⟨
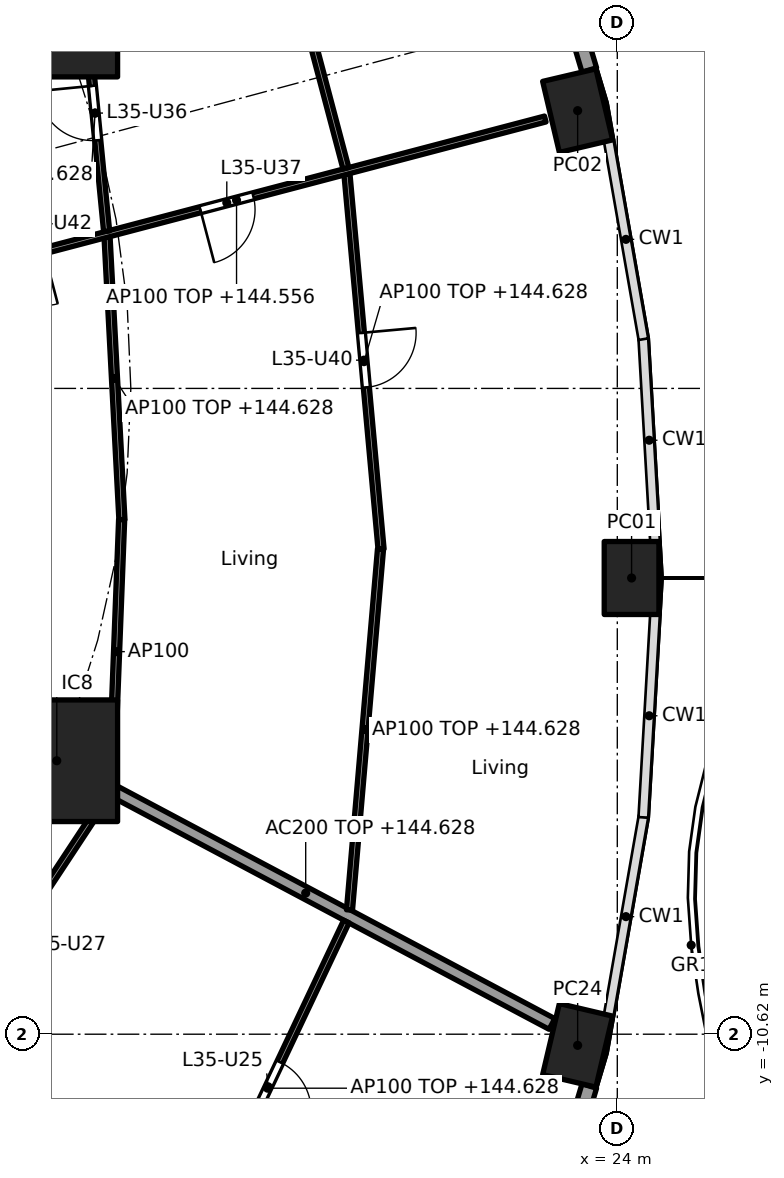
"""IFC4 building model, lengths in metres.
Left out: names, types, materials, properties, quantities, classifications, styles, units other than length and angle.
Written with IfcOpenShell. Run it as: python <this file> out.ifc"""

import sys

from ifc_helpers import new_model, si_unit, direction, frame, frame_2d, origin, origin_2d, place, context, subcontext, project, spatial, rectangle, hollow_rectangle, extrude, element, fill, save


model = new_model("IFC4")
c1 = context("Model", 3, precision=1e-05, world=origin(), true_north=direction((0.0, 1.0)))
c2 = subcontext(c1, "Body", "Model", "MODEL_VIEW")
j1 = project(units=[si_unit("LENGTHUNIT", "METRE"), si_unit("PLANEANGLEUNIT", "RADIAN")], contexts=[c1])
p1 = place(None, origin())
s1 = spatial("IfcSite", under=j1, at=p1, CompositionType="ELEMENT")
p2 = place(p1, origin())
s2 = spatial("IfcBuilding", under=s1, at=p2, CompositionType="ELEMENT")
p3 = place(p2, frame((0.0, 0.0, 141.8)))
s3 = spatial("IfcBuildingStorey", under=s2, at=p3, CompositionType="ELEMENT", Elevation=141.8)
for number, where, z_axis, x_axis in (
    (1, (24.235, -3.118, 0.0), (0.0, 0.0, 1.0), (0.0, 1.0, 0.0)),
    (2, (23.348, 4.568, 0.0), (0.0, 0.0, 1.0), (-0.229, 0.973, 0.0)),
    (3, (23.348, -10.803, 0.0), (0.0, 0.0, 1.0), (0.229, 0.973, 0.0)),
):
    element("IfcColumn", number, at=place(p3, frame(where, z_axis=z_axis, x_axis=x_axis)), inside=s3, PredefinedType="COLUMN", context=c2, shape_type="SweptSolid", body=[
        extrude(hollow_rectangle(XDim=1.2, YDim=0.9, WallThickness=0.04, at=origin_2d()), origin(), (0.0, 0.0, 1.0), 3.7),
    ])
for number, where, z_axis, x_axis in (
    (4, (14.782, 6.123, 0.0), (0.0, 0.0, 1.0), (1.0, 0.0, 0.0)),
    (5, (14.782, -6.123, 0.0), (0.0, 0.0, 1.0), (1.0, 0.0, 0.0)),
):
    element("IfcColumn", number, at=place(p3, frame(where, z_axis=z_axis, x_axis=x_axis)), inside=s3, PredefinedType="COLUMN", context=c2, shape_type="SweptSolid", body=[
        extrude(rectangle(XDim=2.0, YDim=2.0, at=origin_2d()), origin(), (0.0, 0.0, 1.0), 3.7),
    ])
p4 = place(p3, frame((22.595, 8.402, 0.0), z_axis=(0.0, 0.0, 1.0), x_axis=(0.285842038783, -0.958276749621, 0.0)))
e6 = element("IfcWall", 6, at=p4, inside=s3, PredefinedType="SOLIDWALL", context=c2, shape_type="SweptSolid", body=[
    extrude(rectangle(XDim=3.303, YDim=0.25, at=frame_2d((1.651, 0.0))), origin(), (0.0, 0.0, 1.0), 3.44),
])
p5 = place(p4, frame((0.602, 0.0, 0.0)))
e7 = element("IfcOpeningElement", 7, at=p5, cuts=e6, PredefinedType="OPENING", context=c2, shape_type="SweptSolid", body=[
    extrude(rectangle(XDim=2.1, YDim=2.4, at=frame_2d((1.05, 1.2))), frame((0.0, 0.135, 0.0), z_axis=(0.0, -1.0, 0.0), x_axis=(1.0, 0.0, 0.0)), (0.0, 0.0, 1.0), 0.27),
])
p6 = place(p3, frame((23.54, -11.472, 0.0), z_axis=(0.0, 0.0, 1.0), x_axis=(-0.285821792767, -0.958282788523, 0.0)))
e8 = element("IfcWall", 8, at=p6, inside=s3, PredefinedType="SOLIDWALL", context=c2, shape_type="SweptSolid", body=[
    extrude(rectangle(XDim=3.303, YDim=0.25, at=frame_2d((1.651, 0.0))), origin(), (0.0, 0.0, 1.0), 3.44),
])
p7 = place(p6, frame((0.602, 0.0, 0.0)))
e9 = element("IfcOpeningElement", 9, at=p7, cuts=e8, PredefinedType="OPENING", context=c2, shape_type="SweptSolid", body=[
    extrude(rectangle(XDim=2.1, YDim=2.4, at=frame_2d((1.05, 1.2))), frame((0.0, 0.135, 0.0), z_axis=(0.0, -1.0, 0.0), x_axis=(1.0, 0.0, 0.0)), (0.0, 0.0, 1.0), 0.27),
])
p8 = place(p3, frame((12.657, -5.243, 0.0), z_axis=(0.0, 0.0, 1.0), x_axis=(0.923846436004, -0.382763324632, 0.0)))
e10 = element("IfcWall", 10, at=p8, inside=s3, PredefinedType="PARTITIONING", context=c2, shape_type="SweptSolid", body=[
    extrude(rectangle(XDim=2.2, YDim=0.2, at=frame_2d((1.1, 0.0))), origin(), (0.0, 0.0, 1.0), 3.44),
])
p9 = place(p3, frame((14.826, -6.146, 0.0), z_axis=(0.0, 0.0, 1.0), x_axis=(0.883012998471, -0.469348532044, 0.0)))
e11 = element("IfcWall", 11, at=p9, inside=s3, PredefinedType="PARTITIONING", context=c2, shape_type="SweptSolid", body=[
    extrude(rectangle(XDim=9.172, YDim=0.2, at=frame_2d((4.586, 0.0))), origin(), (0.0, 0.0, 1.0), 2.828),
])
p10 = place(p3, frame((15.853, -2.158, 0.0), z_axis=(0.0, 0.0, 1.0), x_axis=(-0.052509224895, 0.998620439056, 0.0)))
e12 = element("IfcWall", 12, at=p10, inside=s3, PredefinedType="PARTITIONING", context=c2, shape_type="SweptSolid", body=[
    extrude(rectangle(XDim=4.649, YDim=0.1, at=frame_2d((2.325, 0.0))), origin(), (0.0, 0.0, 1.0), 2.828),
])
p11 = place(p3, frame((15.849, -2.158, 0.0), z_axis=(0.0, 0.0, 1.0), x_axis=(-0.03838348155, -0.999263082648, 0.0)))
e13 = element("IfcWall", 13, at=p11, inside=s3, PredefinedType="PARTITIONING", context=c2, shape_type="SweptSolid", body=[
    extrude(rectangle(XDim=4.344, YDim=0.1, at=frame_2d((2.172, 0.0))), origin(), (0.0, 0.0, 1.0), 3.44),
])
p12 = place(p3, frame((20.115, -2.642, 0.0), z_axis=(0.0, 0.0, 1.0), x_axis=(-0.090567755363, 0.995890296011, 0.0)))
e14 = element("IfcWall", 14, at=p12, inside=s3, PredefinedType="PARTITIONING", context=c2, shape_type="SweptSolid", body=[
    extrude(rectangle(XDim=6.189, YDim=0.1, at=frame_2d((3.095, 0.0))), origin(), (0.0, 0.0, 1.0), 2.828),
])
p13 = place(p12, frame((2.67, 0.0, 0.0)))
e15 = element("IfcOpeningElement", 15, at=p13, cuts=e14, PredefinedType="OPENING", context=c2, shape_type="SweptSolid", body=[
    extrude(rectangle(XDim=0.9, YDim=2.1, at=frame_2d((0.45, 1.05))), frame((0.0, 0.06, 0.0), z_axis=(0.0, -1.0, 0.0), x_axis=(1.0, 0.0, 0.0)), (0.0, 0.0, 1.0), 0.12),
])
p14 = place(p3, frame((20.106, -2.642, 0.0), z_axis=(0.0, 0.0, 1.0), x_axis=(-0.085694058383, -0.996321498492, 0.0)))
e16 = element("IfcWall", 16, at=p14, inside=s3, PredefinedType="PARTITIONING", context=c2, shape_type="SweptSolid", body=[
    extrude(rectangle(XDim=5.957, YDim=0.1, at=frame_2d((2.979, 0.0))), origin(), (0.0, 0.0, 1.0), 2.828),
])
p15 = place(p3, frame((12.661, 1.76, 0.0), z_axis=(0.0, 0.0, 1.0), x_axis=(0.967120304949, 0.254319318488, 0.0)))
e17 = element("IfcWall", 17, at=p15, inside=s3, PredefinedType="PARTITIONING", context=c2, shape_type="SweptSolid", body=[
    extrude(rectangle(XDim=10.499, YDim=0.1, at=frame_2d((5.25, 0.0))), origin(), (0.0, 0.0, 1.0), 2.756),
])
p16 = place(p15, frame((4.634, 0.0, 0.0)))
e18 = element("IfcOpeningElement", 18, at=p16, cuts=e17, PredefinedType="OPENING", context=c2, shape_type="SweptSolid", body=[
    extrude(rectangle(XDim=0.9, YDim=2.1, at=frame_2d((0.45, 1.05))), frame((0.0, 0.06, 0.0), z_axis=(0.0, -1.0, 0.0), x_axis=(1.0, 0.0, 0.0)), (0.0, 0.0, 1.0), 0.12),
])
p17 = place(p15, frame((1.073, 0.0, 0.0)))
e19 = element("IfcOpeningElement", 19, at=p17, cuts=e17, PredefinedType="OPENING", context=c2, shape_type="SweptSolid", body=[
    extrude(rectangle(XDim=0.9, YDim=2.1, at=frame_2d((0.45, 1.05))), frame((0.0, 0.06, 0.0), z_axis=(0.0, -1.0, 0.0), x_axis=(1.0, 0.0, 0.0)), (0.0, 0.0, 1.0), 0.12),
])
p18 = place(p3, frame((15.602, 2.584, 0.0), z_axis=(0.0, 0.0, 1.0), x_axis=(-0.097207196705, 0.995264166394, 0.0)))
e20 = element("IfcWall", 20, at=p18, inside=s3, PredefinedType="PARTITIONING", context=c2, shape_type="SweptSolid", body=[
    extrude(rectangle(XDim=3.906, YDim=0.1, at=frame_2d((1.953, 0.0))), origin(), (0.0, 0.0, 1.0), 2.828),
])
p19 = place(p18, frame((1.503, 0.0, 0.0)))
e21 = element("IfcOpeningElement", 21, at=p19, cuts=e20, PredefinedType="OPENING", context=c2, shape_type="SweptSolid", body=[
    extrude(rectangle(XDim=0.9, YDim=2.1, at=frame_2d((0.45, 1.05))), frame((0.0, 0.06, 0.0), z_axis=(0.0, -1.0, 0.0), x_axis=(1.0, 0.0, 0.0)), (0.0, 0.0, 1.0), 0.12),
])
p20 = place(p3, frame((19.537, 3.62, 0.0), z_axis=(0.0, 0.0, 1.0), x_axis=(-0.255892560316, 0.966705227862, 0.0)))
e22 = element("IfcWall", 22, at=p20, inside=s3, PredefinedType="PARTITIONING", context=c2, shape_type="SweptSolid", body=[
    extrude(rectangle(XDim=5.659, YDim=0.1, at=frame_2d((2.829, 0.0))), origin(), (0.0, 0.0, 1.0), 2.828),
])
p21 = place(p20, frame((2.379, 0.0, 0.0)))
e23 = element("IfcOpeningElement", 23, at=p21, cuts=e22, PredefinedType="OPENING", context=c2, shape_type="SweptSolid", body=[
    extrude(rectangle(XDim=0.9, YDim=2.1, at=frame_2d((0.45, 1.05))), frame((0.0, 0.06, 0.0), z_axis=(0.0, -1.0, 0.0), x_axis=(1.0, 0.0, 0.0)), (0.0, 0.0, 1.0), 0.12),
])
p22 = place(p3, frame((12.657, 5.243, 0.0), z_axis=(0.0, 0.0, 1.0), x_axis=(0.923864733477, 0.382719158442, 0.0)))
e24 = element("IfcWall", 24, at=p22, inside=s3, PredefinedType="PARTITIONING", context=c2, shape_type="SweptSolid", body=[
    extrude(rectangle(XDim=2.25, YDim=0.1, at=frame_2d((1.125, 0.0))), origin(), (0.0, 0.0, 1.0), 3.44),
])
p23 = place(p3, frame((13.072, -10.55, 0.0), z_axis=(0.0, 0.0, 1.0), x_axis=(0.550607247415, 0.834764433295, 0.0)))
e25 = element("IfcWall", 25, at=p23, inside=s3, PredefinedType="PARTITIONING", context=c2, shape_type="SweptSolid", body=[
    extrude(rectangle(XDim=4.633, YDim=0.1, at=frame_2d((2.316, 0.0))), origin(), (0.0, 0.0, 1.0), 2.828),
])
p24 = place(p23, frame((1.891, 0.0, 0.0)))
e26 = element("IfcOpeningElement", 26, at=p24, cuts=e25, PredefinedType="OPENING", context=c2, shape_type="SweptSolid", body=[
    extrude(rectangle(XDim=0.9, YDim=2.1, at=frame_2d((0.45, 1.05))), frame((0.0, 0.06, 0.0), z_axis=(0.0, -1.0, 0.0), x_axis=(1.0, 0.0, 0.0)), (0.0, 0.0, 1.0), 0.12),
])
p25 = place(p3, frame((16.953, -14.249, 0.0), z_axis=(0.0, 0.0, 1.0), x_axis=(0.427438858397, 0.904044259056, 0.0)))
e27 = element("IfcWall", 27, at=p25, inside=s3, PredefinedType="PARTITIONING", context=c2, shape_type="SweptSolid", body=[
    extrude(rectangle(XDim=6.063, YDim=0.1, at=frame_2d((3.031, 0.0))), origin(), (0.0, 0.0, 1.0), 2.828),
])
p26 = place(p25, frame((2.607, 0.0, 0.0)))
e28 = element("IfcOpeningElement", 28, at=p26, cuts=e27, PredefinedType="OPENING", context=c2, shape_type="SweptSolid", body=[
    extrude(rectangle(XDim=0.9, YDim=2.1, at=frame_2d((0.45, 1.05))), frame((0.0, 0.06, 0.0), z_axis=(0.0, -1.0, 0.0), x_axis=(1.0, 0.0, 0.0)), (0.0, 0.0, 1.0), 0.12),
])
p27 = place(p26, frame((0.9, 0.0, 0.0), x_axis=(-1.0, 0.0, 0.0)))
e29 = element("IfcDoor", 29, at=p27, inside=s3, OperationType="SINGLE_SWING_RIGHT", PredefinedType="DOOR", context=c2, shape_type="SweptSolid", body=[
    extrude(rectangle(XDim=0.9, YDim=2.1, at=frame_2d((0.45, 1.05))), frame((0.0, 0.025, 0.0), z_axis=(0.0, -1.0, 0.0), x_axis=(1.0, 0.0, 0.0)), (0.0, 0.0, 1.0), 0.05),
])
fill(e28, e29)
p28 = place(p19, origin())
e30 = element("IfcDoor", 30, at=p28, inside=s3, OperationType="SINGLE_SWING_RIGHT", PredefinedType="DOOR", context=c2, shape_type="SweptSolid", body=[
    extrude(rectangle(XDim=0.9, YDim=2.1, at=frame_2d((0.45, 1.05))), frame((0.0, 0.025, 0.0), z_axis=(0.0, -1.0, 0.0), x_axis=(1.0, 0.0, 0.0)), (0.0, 0.0, 1.0), 0.05),
])
fill(e21, e30)
p29 = place(p16, frame((0.9, 0.0, 0.0), x_axis=(-1.0, 0.0, 0.0)))
e31 = element("IfcDoor", 31, at=p29, inside=s3, OperationType="SINGLE_SWING_RIGHT", PredefinedType="DOOR", context=c2, shape_type="SweptSolid", body=[
    extrude(rectangle(XDim=0.9, YDim=2.1, at=frame_2d((0.45, 1.05))), frame((0.0, 0.025, 0.0), z_axis=(0.0, -1.0, 0.0), x_axis=(1.0, 0.0, 0.0)), (0.0, 0.0, 1.0), 0.05),
])
fill(e18, e31)
p30 = place(p13, frame((0.9, 0.0, 0.0), x_axis=(-1.0, 0.0, 0.0)))
e32 = element("IfcDoor", 32, at=p30, inside=s3, OperationType="SINGLE_SWING_LEFT", PredefinedType="DOOR", context=c2, shape_type="SweptSolid", body=[
    extrude(rectangle(XDim=0.9, YDim=2.1, at=frame_2d((0.45, 1.05))), frame((0.0, 0.025, 0.0), z_axis=(0.0, -1.0, 0.0), x_axis=(1.0, 0.0, 0.0)), (0.0, 0.0, 1.0), 0.05),
])
fill(e15, e32)
save(model, sys.argv[1])
⟩
» **What to produce**: Look through the material for "project". Copy each line that has it.

» **Answer box**:
from ifc_helpers import new_model, si_unit, direction, frame, frame_2d, origin, origin_2d, place, context, subcontext, project, spatial, rectangle, hollow_rectangle, extrude, element, fill, save
j1 = project(units=[si_unit("LENGTHUNIT", "METRE"), si_unit("PLANEANGLEUNIT", "RADIAN")], contexts=[c1])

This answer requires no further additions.